Please copy the data below exactly; none of the pictures in it belong in the copy.

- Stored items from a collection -

------

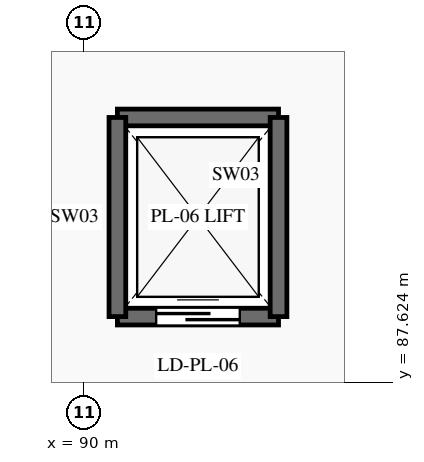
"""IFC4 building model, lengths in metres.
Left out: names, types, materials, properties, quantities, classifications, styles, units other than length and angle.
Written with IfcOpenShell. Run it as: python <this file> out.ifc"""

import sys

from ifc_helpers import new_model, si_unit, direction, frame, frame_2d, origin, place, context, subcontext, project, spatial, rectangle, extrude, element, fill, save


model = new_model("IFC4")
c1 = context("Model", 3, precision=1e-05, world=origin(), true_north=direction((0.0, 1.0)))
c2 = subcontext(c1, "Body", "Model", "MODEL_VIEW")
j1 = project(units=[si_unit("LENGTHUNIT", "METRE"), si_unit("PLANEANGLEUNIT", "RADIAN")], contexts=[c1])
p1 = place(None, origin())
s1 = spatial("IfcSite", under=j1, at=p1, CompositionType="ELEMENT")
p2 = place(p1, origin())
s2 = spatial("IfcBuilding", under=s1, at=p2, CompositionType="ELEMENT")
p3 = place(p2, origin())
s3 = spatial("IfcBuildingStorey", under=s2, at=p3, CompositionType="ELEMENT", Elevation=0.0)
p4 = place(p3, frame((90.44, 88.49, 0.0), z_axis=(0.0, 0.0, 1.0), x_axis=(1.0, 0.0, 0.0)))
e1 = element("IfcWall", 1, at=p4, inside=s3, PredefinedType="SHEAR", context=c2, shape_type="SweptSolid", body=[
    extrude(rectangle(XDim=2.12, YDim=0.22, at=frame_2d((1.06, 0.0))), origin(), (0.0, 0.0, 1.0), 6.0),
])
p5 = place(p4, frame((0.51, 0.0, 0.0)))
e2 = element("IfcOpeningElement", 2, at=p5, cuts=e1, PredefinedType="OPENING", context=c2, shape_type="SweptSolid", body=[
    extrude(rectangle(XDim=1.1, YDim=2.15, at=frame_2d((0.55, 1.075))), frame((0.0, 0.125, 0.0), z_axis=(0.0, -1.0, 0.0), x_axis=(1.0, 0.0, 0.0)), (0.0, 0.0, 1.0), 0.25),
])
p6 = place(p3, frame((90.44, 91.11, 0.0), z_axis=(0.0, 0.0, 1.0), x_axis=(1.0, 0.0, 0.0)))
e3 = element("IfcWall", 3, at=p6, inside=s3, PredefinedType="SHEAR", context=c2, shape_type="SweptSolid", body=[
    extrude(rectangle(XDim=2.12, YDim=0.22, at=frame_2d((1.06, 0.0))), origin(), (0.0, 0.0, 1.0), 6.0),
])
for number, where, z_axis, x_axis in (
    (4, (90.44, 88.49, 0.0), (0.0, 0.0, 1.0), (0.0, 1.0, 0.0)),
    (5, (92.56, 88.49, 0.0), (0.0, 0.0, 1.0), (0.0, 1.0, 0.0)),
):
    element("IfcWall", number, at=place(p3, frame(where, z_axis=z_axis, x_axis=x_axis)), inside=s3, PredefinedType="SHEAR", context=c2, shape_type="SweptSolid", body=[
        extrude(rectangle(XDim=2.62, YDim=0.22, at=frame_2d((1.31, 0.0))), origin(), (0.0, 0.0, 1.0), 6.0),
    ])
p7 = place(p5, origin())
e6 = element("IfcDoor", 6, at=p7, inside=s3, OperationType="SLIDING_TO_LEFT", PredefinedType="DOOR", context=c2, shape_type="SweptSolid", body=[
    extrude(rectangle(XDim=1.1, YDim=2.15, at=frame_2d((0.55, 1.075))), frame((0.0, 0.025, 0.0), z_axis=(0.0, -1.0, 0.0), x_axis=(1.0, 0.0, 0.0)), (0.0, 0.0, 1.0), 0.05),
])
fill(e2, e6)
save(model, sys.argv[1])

------

- Solution -
"""IFC4 building model, lengths in metres.
Left out: names, types, materials, properties, quantities, classifications, styles, units other than length and angle.
Written with IfcOpenShell. Run it as: python <this file> out.ifc"""

import sys

from ifc_helpers import new_model, si_unit, direction, frame, frame_2d, origin, place, context, subcontext, project, spatial, rectangle, extrude, element, fill, save


model = new_model("IFC4")
c1 = context("Model", 3, precision=1e-05, world=origin(), true_north=direction((0.0, 1.0)))
c2 = subcontext(c1, "Body", "Model", "MODEL_VIEW")
j1 = project(units=[si_unit("LENGTHUNIT", "METRE"), si_unit("PLANEANGLEUNIT", "RADIAN")], contexts=[c1])
p1 = place(None, origin())
s1 = spatial("IfcSite", under=j1, at=p1, CompositionType="ELEMENT")
p2 = place(p1, origin())
s2 = spatial("IfcBuilding", under=s1, at=p2, CompositionType="ELEMENT")
p3 = place(p2, origin())
s3 = spatial("IfcBuildingStorey", under=s2, at=p3, CompositionType="ELEMENT", Elevation=0.0)
p4 = place(p3, frame((90.44, 88.49, 0.0), z_axis=(0.0, 0.0, 1.0), x_axis=(1.0, 0.0, 0.0)))
e1 = element("IfcWall", 1, at=p4, inside=s3, PredefinedType="SHEAR", context=c2, shape_type="SweptSolid", body=[
    extrude(rectangle(XDim=2.12, YDim=0.22, at=frame_2d((1.06, 0.0))), origin(), (0.0, 0.0, 1.0), 6.0),
])
p5 = place(p4, frame((0.51, 0.0, 0.0)))
e2 = element("IfcOpeningElement", 2, at=p5, cuts=e1, PredefinedType="OPENING", context=c2, shape_type="SweptSolid", body=[
    extrude(rectangle(XDim=1.1, YDim=2.15, at=frame_2d((0.55, 1.075))), frame((0.0, 0.125, 0.0), z_axis=(0.0, -1.0, 0.0), x_axis=(1.0, 0.0, 0.0)), (0.0, 0.0, 1.0), 0.25),
])
p6 = place(p3, frame((90.44, 91.11, 0.0), z_axis=(0.0, 0.0, 1.0), x_axis=(1.0, 0.0, 0.0)))
e3 = element("IfcWall", 3, at=p6, inside=s3, PredefinedType="SHEAR", context=c2, shape_type="SweptSolid", body=[
    extrude(rectangle(XDim=2.12, YDim=0.22, at=frame_2d((1.06, 0.0))), origin(), (0.0, 0.0, 1.0), 6.0),
])
for number, where, z_axis, x_axis in (
    (4, (90.44, 88.49, 0.0), (0.0, 0.0, 1.0), (0.0, 1.0, 0.0)),
    (5, (92.56, 88.49, 0.0), (0.0, 0.0, 1.0), (0.0, 1.0, 0.0)),
):
    element("IfcWall", number, at=place(p3, frame(where, z_axis=z_axis, x_axis=x_axis)), inside=s3, PredefinedType="SHEAR", context=c2, shape_type="SweptSolid", body=[
        extrude(rectangle(XDim=2.62, YDim=0.22, at=frame_2d((1.31, 0.0))), origin(), (0.0, 0.0, 1.0), 6.0),
    ])
p7 = place(p5, origin())
e6 = element("IfcDoor", 6, at=p7, inside=s3, OperationType="SLIDING_TO_LEFT", PredefinedType="DOOR", context=c2, shape_type="SweptSolid", body=[
    extrude(rectangle(XDim=1.1, YDim=2.15, at=frame_2d((0.55, 1.075))), frame((0.0, 0.025, 0.0), z_axis=(0.0, -1.0, 0.0), x_axis=(1.0, 0.0, 0.0)), (0.0, 0.0, 1.0), 0.05),
])
fill(e2, e6)
save(model, sys.argv[1])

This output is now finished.